Dataset excerpts ->

= = =

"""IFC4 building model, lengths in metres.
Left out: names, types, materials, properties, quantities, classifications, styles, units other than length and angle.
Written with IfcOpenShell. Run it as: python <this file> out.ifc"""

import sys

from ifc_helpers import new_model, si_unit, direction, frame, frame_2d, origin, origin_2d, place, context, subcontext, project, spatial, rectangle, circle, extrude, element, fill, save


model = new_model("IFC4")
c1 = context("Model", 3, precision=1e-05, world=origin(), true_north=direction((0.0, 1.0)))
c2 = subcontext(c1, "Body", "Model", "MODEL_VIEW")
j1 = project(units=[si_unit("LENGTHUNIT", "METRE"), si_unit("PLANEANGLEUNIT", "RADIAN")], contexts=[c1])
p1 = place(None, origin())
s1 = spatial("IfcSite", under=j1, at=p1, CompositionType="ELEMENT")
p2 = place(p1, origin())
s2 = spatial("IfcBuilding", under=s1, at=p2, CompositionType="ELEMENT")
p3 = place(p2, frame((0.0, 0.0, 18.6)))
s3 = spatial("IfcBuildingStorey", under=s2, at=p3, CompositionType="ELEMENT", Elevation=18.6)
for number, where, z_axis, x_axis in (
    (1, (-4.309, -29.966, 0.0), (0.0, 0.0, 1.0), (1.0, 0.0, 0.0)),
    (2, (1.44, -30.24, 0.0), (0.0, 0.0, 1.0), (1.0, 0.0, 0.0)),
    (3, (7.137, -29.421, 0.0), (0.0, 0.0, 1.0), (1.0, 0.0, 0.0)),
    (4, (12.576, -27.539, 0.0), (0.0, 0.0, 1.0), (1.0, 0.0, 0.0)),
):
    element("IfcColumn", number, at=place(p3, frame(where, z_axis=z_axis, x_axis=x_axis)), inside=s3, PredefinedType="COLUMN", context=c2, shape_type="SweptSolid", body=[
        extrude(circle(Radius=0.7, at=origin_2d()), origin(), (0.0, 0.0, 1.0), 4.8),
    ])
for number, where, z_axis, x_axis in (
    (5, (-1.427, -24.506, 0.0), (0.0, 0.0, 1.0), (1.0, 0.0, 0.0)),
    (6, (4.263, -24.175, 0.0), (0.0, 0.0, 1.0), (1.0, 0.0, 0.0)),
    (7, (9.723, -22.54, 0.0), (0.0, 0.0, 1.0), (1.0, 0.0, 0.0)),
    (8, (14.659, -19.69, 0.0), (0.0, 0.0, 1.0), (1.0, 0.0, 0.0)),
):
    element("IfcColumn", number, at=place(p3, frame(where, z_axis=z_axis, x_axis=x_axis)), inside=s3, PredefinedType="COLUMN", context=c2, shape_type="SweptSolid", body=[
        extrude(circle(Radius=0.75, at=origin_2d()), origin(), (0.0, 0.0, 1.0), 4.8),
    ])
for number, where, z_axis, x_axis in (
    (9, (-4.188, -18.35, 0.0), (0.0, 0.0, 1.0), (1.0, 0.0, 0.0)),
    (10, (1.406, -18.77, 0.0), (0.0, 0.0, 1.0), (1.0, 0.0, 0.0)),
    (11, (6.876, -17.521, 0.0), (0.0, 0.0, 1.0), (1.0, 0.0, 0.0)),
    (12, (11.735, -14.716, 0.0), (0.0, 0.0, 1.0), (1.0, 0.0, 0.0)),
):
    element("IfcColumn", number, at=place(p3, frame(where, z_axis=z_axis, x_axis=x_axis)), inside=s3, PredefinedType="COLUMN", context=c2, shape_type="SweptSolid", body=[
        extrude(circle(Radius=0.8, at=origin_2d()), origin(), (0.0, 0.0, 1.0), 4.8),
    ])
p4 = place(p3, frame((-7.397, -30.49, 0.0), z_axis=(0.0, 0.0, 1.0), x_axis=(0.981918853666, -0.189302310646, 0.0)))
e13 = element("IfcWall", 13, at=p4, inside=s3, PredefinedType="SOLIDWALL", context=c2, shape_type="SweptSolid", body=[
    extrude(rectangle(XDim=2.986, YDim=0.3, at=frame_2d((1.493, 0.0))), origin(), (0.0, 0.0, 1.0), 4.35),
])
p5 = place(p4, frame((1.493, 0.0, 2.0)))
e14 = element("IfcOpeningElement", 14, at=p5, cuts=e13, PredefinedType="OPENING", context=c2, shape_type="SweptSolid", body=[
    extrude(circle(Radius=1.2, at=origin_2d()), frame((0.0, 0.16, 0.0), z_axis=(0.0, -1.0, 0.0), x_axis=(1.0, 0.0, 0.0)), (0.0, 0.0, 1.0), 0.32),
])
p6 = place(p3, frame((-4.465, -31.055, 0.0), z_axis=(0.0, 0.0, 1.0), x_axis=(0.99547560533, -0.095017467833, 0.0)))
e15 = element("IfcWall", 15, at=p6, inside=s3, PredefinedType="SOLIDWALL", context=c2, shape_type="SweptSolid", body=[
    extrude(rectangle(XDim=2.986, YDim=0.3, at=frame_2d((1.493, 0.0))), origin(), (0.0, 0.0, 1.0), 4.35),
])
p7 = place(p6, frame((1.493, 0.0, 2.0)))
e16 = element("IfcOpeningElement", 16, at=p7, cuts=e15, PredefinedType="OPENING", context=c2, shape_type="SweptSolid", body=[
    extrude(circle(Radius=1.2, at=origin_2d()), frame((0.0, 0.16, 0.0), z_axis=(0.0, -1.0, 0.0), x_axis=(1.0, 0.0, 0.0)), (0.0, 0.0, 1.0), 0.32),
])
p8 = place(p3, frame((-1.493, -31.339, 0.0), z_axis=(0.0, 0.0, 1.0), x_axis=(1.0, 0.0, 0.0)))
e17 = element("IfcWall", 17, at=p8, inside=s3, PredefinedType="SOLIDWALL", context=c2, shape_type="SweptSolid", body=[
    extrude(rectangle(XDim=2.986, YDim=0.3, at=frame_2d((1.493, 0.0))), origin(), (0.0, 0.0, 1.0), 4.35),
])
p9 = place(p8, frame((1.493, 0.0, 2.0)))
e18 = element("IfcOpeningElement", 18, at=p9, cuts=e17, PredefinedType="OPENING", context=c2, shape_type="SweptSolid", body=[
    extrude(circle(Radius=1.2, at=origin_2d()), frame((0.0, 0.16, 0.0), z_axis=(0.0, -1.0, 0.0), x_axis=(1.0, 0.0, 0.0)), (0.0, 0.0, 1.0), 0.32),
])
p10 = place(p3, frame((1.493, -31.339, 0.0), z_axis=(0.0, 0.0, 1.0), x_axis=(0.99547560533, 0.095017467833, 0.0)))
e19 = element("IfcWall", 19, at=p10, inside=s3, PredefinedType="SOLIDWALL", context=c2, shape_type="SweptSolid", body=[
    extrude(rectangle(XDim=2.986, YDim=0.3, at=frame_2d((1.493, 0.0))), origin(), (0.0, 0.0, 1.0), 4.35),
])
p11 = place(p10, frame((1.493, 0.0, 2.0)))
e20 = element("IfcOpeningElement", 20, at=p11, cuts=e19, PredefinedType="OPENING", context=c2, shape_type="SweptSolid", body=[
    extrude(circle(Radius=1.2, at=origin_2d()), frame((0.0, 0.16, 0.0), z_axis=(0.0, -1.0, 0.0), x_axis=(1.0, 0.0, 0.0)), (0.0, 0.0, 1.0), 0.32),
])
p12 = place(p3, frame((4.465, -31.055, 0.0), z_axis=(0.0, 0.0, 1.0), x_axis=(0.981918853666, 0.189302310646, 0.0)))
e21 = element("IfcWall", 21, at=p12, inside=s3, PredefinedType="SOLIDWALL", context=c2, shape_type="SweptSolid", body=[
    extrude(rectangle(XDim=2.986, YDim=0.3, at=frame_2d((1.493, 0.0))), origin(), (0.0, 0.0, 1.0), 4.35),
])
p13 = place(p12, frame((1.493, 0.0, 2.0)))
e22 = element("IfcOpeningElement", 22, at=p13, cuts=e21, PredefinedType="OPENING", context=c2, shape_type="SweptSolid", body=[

= = =

Work required ->
Would you show every line in the data above that contains the string "project"?

Answer to this exercise ->
from ifc_helpers import new_model, si_unit, direction, frame, frame_2d, origin, origin_2d, place, context, subcontext, project, spatial, rectangle, circle, extrude, element, fill, save
j1 = project(units=[si_unit("LENGTHUNIT", "METRE"), si_unit("PLANEANGLEUNIT", "RADIAN")], contexts=[c1])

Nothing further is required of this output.